• _Work instructions_: Word for word, transcribe the data below from the line with "#171=DIRECTION('',(0.,-0.,1.));" to the line with "#222=LINE('',#219,#221);", keeping both of those lines.
——————————
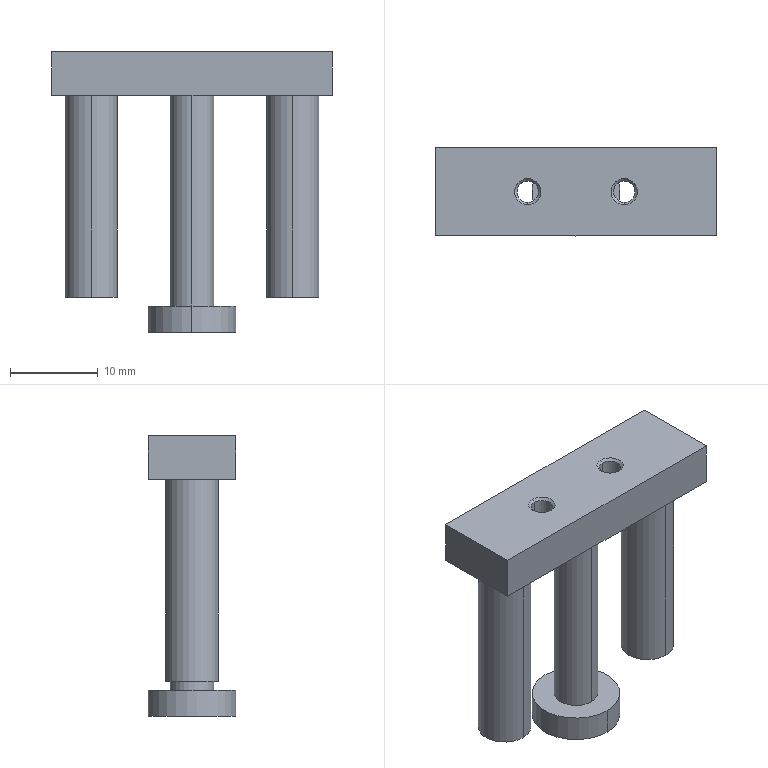Component | SolidWorks | MGJ10-15-1_2-11-1 | 1 solid | 30 faces | box 32 x 10 x 32 mm | volume 3559 mm3 | cylinder 12 | plane 10 | cone 8 | commonest cylinder face diameters 2.459 x4 6 x4 5 x2 10 x2
STEP:
#1=CARTESIAN_POINT('',(-0.4599,-4.569,-11.27));
#2=VERTEX_POINT('',#1);
#3=CARTESIAN_POINT('',(-0.4599,-4.665,-11.27));
#4=VERTEX_POINT('',#3);
#5=CARTESIAN_POINT('',(-0.4599,-4.617,-11.27));
#6=DIRECTION('',(0.,-0.,1.));
#7=DIRECTION('',(1.,0.,-0.));
#8=AXIS2_PLACEMENT_3D('',#5,#6,#7);
#9=CIRCLE('',#8,0.04841);
#10=EDGE_CURVE('',#2,#4,#9,.T.);
#11=ORIENTED_EDGE('',*,*,#10,.F.);
#12=CARTESIAN_POINT('',(-0.4599,-4.558,-11.259));
#13=VERTEX_POINT('',#12);
#14=CARTESIAN_POINT('',(-0.4599,-4.558,-11.259));
#15=DIRECTION('',(0.,0.7071,0.7071));
#16=VECTOR('',#15,39.37);
#17=LINE('',#14,#16);
#18=EDGE_CURVE('',#2,#13,#17,.T.);
#19=ORIENTED_EDGE('',*,*,#18,.T.);
#20=CARTESIAN_POINT('',(-0.4599,-4.676,-11.259));
#21=VERTEX_POINT('',#20);
#22=CARTESIAN_POINT('',(-0.4599,-4.617,-11.259));
#23=DIRECTION('',(0.,-0.,1.));
#24=DIRECTION('',(0.,-1.,0.));
#25=AXIS2_PLACEMENT_3D('',#22,#23,#24);
#26=CIRCLE('',#25,0.05906);
#27=EDGE_CURVE('',#13,#21,#26,.T.);
#28=ORIENTED_EDGE('',*,*,#27,.T.);
#29=CARTESIAN_POINT('',(-0.4599,-4.676,-11.259));
#30=DIRECTION('',(0.,-0.7071,0.7071));
#31=VECTOR('',#30,39.37);
#32=LINE('',#29,#31);
#33=EDGE_CURVE('',#4,#21,#32,.T.);
#34=ORIENTED_EDGE('',*,*,#33,.F.);
#35=EDGE_LOOP('',(#11,#19,#28,#34));
#36=FACE_OUTER_BOUND('',#35,.T.);
#37=CARTESIAN_POINT('',(-0.4599,-4.617,-11.259));
#38=DIRECTION('',(0.,-0.,1.));
#39=DIRECTION('',(0.,-1.,0.));
#40=AXIS2_PLACEMENT_3D('',#37,#38,#39);
#41=CONICAL_SURFACE('',#40,0.05906,0.7854);
#42=ADVANCED_FACE('',(#36),#41,.F.);
#43=CARTESIAN_POINT('',(-0.8929,-4.569,-11.27));
#44=VERTEX_POINT('',#43);
#45=CARTESIAN_POINT('',(-0.8929,-4.665,-11.27));
#46=VERTEX_POINT('',#45);
#47=CARTESIAN_POINT('',(-0.8929,-4.617,-11.27));
#48=DIRECTION('',(0.,-0.,1.));
#49=DIRECTION('',(1.,0.,-0.));
#50=AXIS2_PLACEMENT_3D('',#47,#48,#49);
#51=CIRCLE('',#50,0.04841);
#52=EDGE_CURVE('',#44,#46,#51,.T.);
#53=ORIENTED_EDGE('',*,*,#52,.F.);
#54=CARTESIAN_POINT('',(-0.8929,-4.558,-11.259));
#55=VERTEX_POINT('',#54);
#56=CARTESIAN_POINT('',(-0.8929,-4.558,-11.259));
#57=DIRECTION('',(0.,0.7071,0.7071));
#58=VECTOR('',#57,39.37);
#59=LINE('',#56,#58);
#60=EDGE_CURVE('',#44,#55,#59,.T.);
#61=ORIENTED_EDGE('',*,*,#60,.T.);
#62=CARTESIAN_POINT('',(-0.8929,-4.676,-11.259));
#63=VERTEX_POINT('',#62);
#64=CARTESIAN_POINT('',(-0.8929,-4.617,-11.259));
#65=DIRECTION('',(0.,-0.,1.));
#66=DIRECTION('',(0.,-1.,0.));
#67=AXIS2_PLACEMENT_3D('',#64,#65,#66);
#68=CIRCLE('',#67,0.05906);
#69=EDGE_CURVE('',#55,#63,#68,.T.);
#70=ORIENTED_EDGE('',*,*,#69,.T.);
#71=CARTESIAN_POINT('',(-0.8929,-4.676,-11.259));
#72=DIRECTION('',(0.,-0.7071,0.7071));
#73=VECTOR('',#72,39.37);
#74=LINE('',#71,#73);
#75=EDGE_CURVE('',#46,#63,#74,.T.);
#76=ORIENTED_EDGE('',*,*,#75,.F.);
#77=EDGE_LOOP('',(#53,#61,#70,#76));
#78=FACE_OUTER_BOUND('',#77,.T.);
#79=CARTESIAN_POINT('',(-0.8929,-4.617,-11.259));
#80=DIRECTION('',(0.,-0.,1.));
#81=DIRECTION('',(0.,-1.,0.));
#82=AXIS2_PLACEMENT_3D('',#79,#80,#81);
#83=CONICAL_SURFACE('',#82,0.05906,0.7854);
#84=ADVANCED_FACE('',(#78),#83,.F.);
#85=ORIENTED_EDGE('',*,*,#10,.T.);
#86=CARTESIAN_POINT('',(-0.4599,-4.665,-11.445));
#87=VERTEX_POINT('',#86);
#88=CARTESIAN_POINT('',(-0.4599,-4.665,-11.357));
#89=DIRECTION('',(-0.,0.,-1.));
#90=VECTOR('',#89,39.37);
#91=LINE('',#88,#90);
#92=EDGE_CURVE('',#4,#87,#91,.T.);
#93=ORIENTED_EDGE('',*,*,#92,.T.);
#94=CARTESIAN_POINT('',(-0.4599,-4.569,-11.445));
#95=VERTEX_POINT('',#94);
#96=CARTESIAN_POINT('',(-0.4599,-4.617,-11.445));
#97=DIRECTION('',(0.,-0.,1.));
#98=DIRECTION('',(0.,1.,0.));
#99=AXIS2_PLACEMENT_3D('',#96,#97,#98);
#100=CIRCLE('',#99,0.04841);
#101=EDGE_CURVE('',#95,#87,#100,.T.);
#102=ORIENTED_EDGE('',*,*,#101,.F.);
#103=CARTESIAN_POINT('',(-0.4599,-4.569,-11.357));
#104=DIRECTION('',(-0.,0.,-1.));
#105=VECTOR('',#104,39.37);
#106=LINE('',#103,#105);
#107=EDGE_CURVE('',#2,#95,#106,.T.);
#108=ORIENTED_EDGE('',*,*,#107,.F.);
#109=EDGE_LOOP('',(#85,#93,#102,#108));
#110=FACE_OUTER_BOUND('',#109,.T.);
#111=CARTESIAN_POINT('',(-0.4599,-4.617,-11.357));
#112=DIRECTION('',(-0.,0.,-1.));
#113=DIRECTION('',(0.,1.,0.));
#114=AXIS2_PLACEMENT_3D('',#111,#112,#113);
#115=CYLINDRICAL_SURFACE('',#114,0.04841);
#116=ADVANCED_FACE('',(#110),#115,.F.);
#117=ORIENTED_EDGE('',*,*,#52,.T.);
#118=CARTESIAN_POINT('',(-0.8929,-4.665,-11.445));
#119=VERTEX_POINT('',#118);
#120=CARTESIAN_POINT('',(-0.8929,-4.665,-11.357));
#121=DIRECTION('',(-0.,0.,-1.));
#122=VECTOR('',#121,39.37);
#123=LINE('',#120,#122);
#124=EDGE_CURVE('',#46,#119,#123,.T.);
#125=ORIENTED_EDGE('',*,*,#124,.T.);
#126=CARTESIAN_POINT('',(-0.8929,-4.569,-11.445));
#127=VERTEX_POINT('',#126);
#128=CARTESIAN_POINT('',(-0.8929,-4.617,-11.445));
#129=DIRECTION('',(0.,-0.,1.));
#130=DIRECTION('',(0.,1.,0.));
#131=AXIS2_PLACEMENT_3D('',#128,#129,#130);
#132=CIRCLE('',#131,0.04841);
#133=EDGE_CURVE('',#127,#119,#132,.T.);
#134=ORIENTED_EDGE('',*,*,#133,.F.);
#135=CARTESIAN_POINT('',(-0.8929,-4.569,-11.357));
#136=DIRECTION('',(-0.,0.,-1.));
#137=VECTOR('',#136,39.37);
#138=LINE('',#135,#137);
#139=EDGE_CURVE('',#44,#127,#138,.T.);
#140=ORIENTED_EDGE('',*,*,#139,.F.);
#141=EDGE_LOOP('',(#117,#125,#134,#140));
#142=FACE_OUTER_BOUND('',#141,.T.);
#143=CARTESIAN_POINT('',(-0.8929,-4.617,-11.357));
#144=DIRECTION('',(-0.,0.,-1.));
#145=DIRECTION('',(0.,1.,0.));
#146=AXIS2_PLACEMENT_3D('',#143,#144,#145);
#147=CYLINDRICAL_SURFACE('',#146,0.04841);
#148=ADVANCED_FACE('',(#142),#147,.F.);
#149=CARTESIAN_POINT('',(-0.2236,-4.735,-11.456));
#150=VERTEX_POINT('',#149);
#151=CARTESIAN_POINT('',(-0.2236,-4.499,-11.456));
#152=VERTEX_POINT('',#151);
#153=CARTESIAN_POINT('',(-0.2236,-4.617,-11.456));
#154=DIRECTION('',(0.,-0.,1.));
#155=DIRECTION('',(0.,1.,0.));
#156=AXIS2_PLACEMENT_3D('',#153,#154,#155);
#157=CIRCLE('',#156,0.1181);
#158=EDGE_CURVE('',#150,#152,#157,.T.);
#159=ORIENTED_EDGE('',*,*,#158,.F.);
#160=CARTESIAN_POINT('',(-0.2236,-4.735,-12.361));
#161=VERTEX_POINT('',#160);
#162=CARTESIAN_POINT('',(-0.2236,-4.735,-11.909));
#163=DIRECTION('',(-0.,0.,-1.));
#164=VECTOR('',#163,39.37);
#165=LINE('',#162,#164);
#166=EDGE_CURVE('',#150,#161,#165,.T.);
#167=ORIENTED_EDGE('',*,*,#166,.T.);
#168=CARTESIAN_POINT('',(-0.2236,-4.499,-12.361));
#169=VERTEX_POINT('',#168);
#170=CARTESIAN_POINT('',(-0.2236,-4.617,-12.361));
#171=DIRECTION('',(0.,-0.,1.));
#172=DIRECTION('',(0.,1.,0.));
#173=AXIS2_PLACEMENT_3D('',#170,#171,#172);
#174=CIRCLE('',#173,0.1181);
#175=EDGE_CURVE('',#161,#169,#174,.T.);
#176=ORIENTED_EDGE('',*,*,#175,.T.);
#177=CARTESIAN_POINT('',(-0.2236,-4.499,-11.909));
#178=DIRECTION('',(-0.,0.,-1.));
#179=VECTOR('',#178,39.37);
#180=LINE('',#177,#179);
#181=EDGE_CURVE('',#152,#169,#180,.T.);
#182=ORIENTED_EDGE('',*,*,#181,.F.);
#183=EDGE_LOOP('',(#159,#167,#176,#182));
#184=FACE_OUTER_BOUND('',#183,.T.);
#185=CARTESIAN_POINT('',(-0.2236,-4.617,-11.909));
#186=DIRECTION('',(-0.,0.,-1.));
#187=DIRECTION('',(0.,1.,0.));
#188=AXIS2_PLACEMENT_3D('',#185,#186,#187);
#189=CYLINDRICAL_SURFACE('',#188,0.1181);
#190=ADVANCED_FACE('',(#184),#189,.T.);
#191=CARTESIAN_POINT('',(-1.129,-4.735,-11.456));
#192=VERTEX_POINT('',#191);
#193=CARTESIAN_POINT('',(-1.129,-4.499,-11.456));
#194=VERTEX_POINT('',#193);
#195=CARTESIAN_POINT('',(-1.129,-4.617,-11.456));
#196=DIRECTION('',(0.,-0.,1.));
#197=DIRECTION('',(0.,1.,0.));
#198=AXIS2_PLACEMENT_3D('',#195,#196,#197);
#199=CIRCLE('',#198,0.1181);
#200=EDGE_CURVE('',#192,#194,#199,.T.);
#201=ORIENTED_EDGE('',*,*,#200,.F.);
#202=CARTESIAN_POINT('',(-1.129,-4.735,-12.361));
#203=VERTEX_POINT('',#202);
#204=CARTESIAN_POINT('',(-1.129,-4.735,-11.909));
#205=DIRECTION('',(-0.,0.,-1.));
#206=VECTOR('',#205,39.37);
#207=LINE('',#204,#206);
#208=EDGE_CURVE('',#192,#203,#207,.T.);
#209=ORIENTED_EDGE('',*,*,#208,.T.);
#210=CARTESIAN_POINT('',(-1.129,-4.499,-12.361));
#211=VERTEX_POINT('',#210);
#212=CARTESIAN_POINT('',(-1.129,-4.617,-12.361));
#213=DIRECTION('',(0.,-0.,1.));
#214=DIRECTION('',(0.,1.,0.));
#215=AXIS2_PLACEMENT_3D('',#212,#213,#214);
#216=CIRCLE('',#215,0.1181);
#217=EDGE_CURVE('',#203,#211,#216,.T.);
#218=ORIENTED_EDGE('',*,*,#217,.T.);
#219=CARTESIAN_POINT('',(-1.129,-4.499,-11.909));
#220=DIRECTION('',(-0.,0.,-1.));
#221=VECTOR('',#220,39.37);
#222=LINE('',#219,#221);
#223=EDGE_CURVE('',#194,#211,#222,.T.);
#224=ORIENTED_EDGE('',*,*,#223,.F.);
#225=EDGE_LOOP('',(#201,#209,#218,#224));
#226=FACE_OUTER_BOUND('',#225,.T.);
#227=CARTESIAN_POINT('',(-1.129,-4.617,-11.909));
#228=DIRECTION('',(-0.,0.,-1.));
#229=DIRECTION('',(0.,1.,0.));
#230=AXIS2_PLACEMENT_3D('',#227,#228,#229);
#231=CYLINDRICAL_SURFACE('',#230,0.1181);
#232=ADVANCED_FACE('',(#226),#231,.T.);
#233=CARTESIAN_POINT('',(-0.6764,-4.715,-11.456));
#234=VERTEX_POINT('',#233);
#235=CARTESIAN_POINT('',(-0.6764,-4.519,-11.456));
#236=VERTEX_POINT('',#235);
#237=CARTESIAN_POINT('',(-0.6764,-4.617,-11.456));
#238=DIRECTION('',(0.,-0.,1.));
#239=DIRECTION('',(0.,1.,0.));
#240=AXIS2_PLACEMENT_3D('',#237,#238,#239);
#241=CIRCLE('',#240,0.09843);
#242=EDGE_CURVE('',#234,#236,#241,.T.);
#243=ORIENTED_EDGE('',*,*,#242,.F.);
#244=CARTESIAN_POINT('',(-0.6764,-4.715,-12.401));
#245=VERTEX_POINT('',#244);
#246=CARTESIAN_POINT('',(-0.6764,-4.715,-11.928));
#247=DIRECTION('',(-0.,0.,-1.));
#248=VECTOR('',#247,39.37);
#249=LINE('',#246,#248);
#250=EDGE_CURVE('',#234,#245,#249,.T.);
#251=ORIENTED_EDGE('',*,*,#250,.T.);
#252=CARTESIAN_POINT('',(-0.6764,-4.519,-12.401));
#253=VERTEX_POINT('',#252);
#254=CARTESIAN_POINT('',(-0.6764,-4.617,-12.401));
#255=DIRECTION('',(0.,-0.,1.));
#256=DIRECTION('',(0.,1.,0.));
#257=AXIS2_PLACEMENT_3D('',#254,#255,#256);
#258=CIRCLE('',#257,0.09843);
#259=EDGE_CURVE('',#245,#253,#258,.T.);
#260=ORIENTED_EDGE('',*,*,#259,.T.);
#261=CARTESIAN_POINT('',(-0.6764,-4.519,-11.928));
#262=DIRECTION('',(-0.,0.,-1.));
#263=VECTOR('',#262,39.37);
#264=LINE('',#261,#263);
#265=EDGE_CURVE('',#236,#253,#264,.T.);
#266=ORIENTED_EDGE('',*,*,#265,.F.);
#267=EDGE_LOOP('',(#243,#251,#260,#266));
#268=FACE_OUTER_BOUND('',#267,.T.);
#269=CARTESIAN_POINT('',(-0.6764,-4.617,-11.928));
#270=DIRECTION('',(-0.,0.,-1.));
#271=DIRECTION('',(0.,1.,0.));
#272=AXIS2_PLACEMENT_3D('',#269,#270,#271);
#273=CYLINDRICAL_SURFACE('',#272,0.09843);
#274=ADVANCED_FACE('',(#268),#273,.T.);
#275=ORIENTED_EDGE('',*,*,#101,.T.);
#276=CARTESIAN_POINT('',(-0.4599,-4.676,-11.456));
#277=VERTEX_POINT('',#276);
#278=CARTESIAN_POINT('',(-0.4599,-4.676,-11.456));
#279=DIRECTION('',(-0.,-0.7071,-0.7071));
#280=VECTOR('',#279,39.37);
#281=LINE('',#278,#280);
#282=EDGE_CURVE('',#87,#277,#281,.T.);
#283=ORIENTED_EDGE('',*,*,#282,.T.);
#284=CARTESIAN_POINT('',(-0.4599,-4.558,-11.456));
#285=VERTEX_POINT('',#284);
#286=CARTESIAN_POINT('',(-0.4599,-4.617,-11.456));
#287=DIRECTION('',(0.,-0.,1.));
#288=DIRECTION('',(0.,1.,0.));
#289=AXIS2_PLACEMENT_3D('',#286,#287,#288);
#290=CIRCLE('',#289,0.05906);
#291=EDGE_CURVE('',#285,#277,#290,.T.);
#292=ORIENTED_EDGE('',*,*,#291,.F.);
#293=CARTESIAN_POINT('',(-0.4599,-4.558,-11.456));
#294=DIRECTION('',(-0.,0.7071,-0.7071));
#295=VECTOR('',#294,39.37);
#296=LINE('',#293,#295);
#297=EDGE_CURVE('',#95,#285,#296,.T.);
#298=ORIENTED_EDGE('',*,*,#297,.F.);
#299=EDGE_LOOP('',(#275,#283,#292,#298));
#300=FACE_OUTER_BOUND('',#299,.T.);
#301=CARTESIAN_POINT('',(-0.4599,-4.617,-11.456));
#302=DIRECTION('',(-0.,0.,-1.));
#303=DIRECTION('',(0.,1.,0.));
#304=AXIS2_PLACEMENT_3D('',#301,#302,#303);
#305=CONICAL_SURFACE('',#304,0.05906,0.7854);
#306=ADVANCED_FACE('',(#300),#305,.F.);
#307=ORIENTED_EDGE('',*,*,#133,.T.);
#308=CARTESIAN_POINT('',(-0.8929,-4.676,-11.456));
#309=VERTEX_POINT('',#308);
#310=CARTESIAN_POINT('',(-0.8929,-4.676,-11.456));
#311=DIRECTION('',(-0.,-0.7071,-0.7071));
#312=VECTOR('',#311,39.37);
——————————
• _Worked solution_:
#171=DIRECTION('',(0.,-0.,1.));
#172=DIRECTION('',(0.,1.,0.));
#173=AXIS2_PLACEMENT_3D('',#170,#171,#172);
#174=CIRCLE('',#173,0.1181);
#175=EDGE_CURVE('',#161,#169,#174,.T.);
#176=ORIENTED_EDGE('',*,*,#175,.T.);
#177=CARTESIAN_POINT('',(-0.2236,-4.499,-11.909));
#178=DIRECTION('',(-0.,0.,-1.));
#179=VECTOR('',#178,39.37);
#180=LINE('',#177,#179);
#181=EDGE_CURVE('',#152,#169,#180,.T.);
#182=ORIENTED_EDGE('',*,*,#181,.F.);
#183=EDGE_LOOP('',(#159,#167,#176,#182));
#184=FACE_OUTER_BOUND('',#183,.T.);
#185=CARTESIAN_POINT('',(-0.2236,-4.617,-11.909));
#186=DIRECTION('',(-0.,0.,-1.));
#187=DIRECTION('',(0.,1.,0.));
#188=AXIS2_PLACEMENT_3D('',#185,#186,#187);
#189=CYLINDRICAL_SURFACE('',#188,0.1181);
#190=ADVANCED_FACE('',(#184),#189,.T.);
#191=CARTESIAN_POINT('',(-1.129,-4.735,-11.456));
#192=VERTEX_POINT('',#191);
#193=CARTESIAN_POINT('',(-1.129,-4.499,-11.456));
#194=VERTEX_POINT('',#193);
#195=CARTESIAN_POINT('',(-1.129,-4.617,-11.456));
#196=DIRECTION('',(0.,-0.,1.));
#197=DIRECTION('',(0.,1.,0.));
#198=AXIS2_PLACEMENT_3D('',#195,#196,#197);
#199=CIRCLE('',#198,0.1181);
#200=EDGE_CURVE('',#192,#194,#199,.T.);
#201=ORIENTED_EDGE('',*,*,#200,.F.);
#202=CARTESIAN_POINT('',(-1.129,-4.735,-12.361));
#203=VERTEX_POINT('',#202);
#204=CARTESIAN_POINT('',(-1.129,-4.735,-11.909));
#205=DIRECTION('',(-0.,0.,-1.));
#206=VECTOR('',#205,39.37);
#207=LINE('',#204,#206);
#208=EDGE_CURVE('',#192,#203,#207,.T.);
#209=ORIENTED_EDGE('',*,*,#208,.T.);
#210=CARTESIAN_POINT('',(-1.129,-4.499,-12.361));
#211=VERTEX_POINT('',#210);
#212=CARTESIAN_POINT('',(-1.129,-4.617,-12.361));
#213=DIRECTION('',(0.,-0.,1.));
#214=DIRECTION('',(0.,1.,0.));
#215=AXIS2_PLACEMENT_3D('',#212,#213,#214);
#216=CIRCLE('',#215,0.1181);
#217=EDGE_CURVE('',#203,#211,#216,.T.);
#218=ORIENTED_EDGE('',*,*,#217,.T.);
#219=CARTESIAN_POINT('',(-1.129,-4.499,-11.909));
#220=DIRECTION('',(-0.,0.,-1.));
#221=VECTOR('',#220,39.37);
#222=LINE('',#219,#221);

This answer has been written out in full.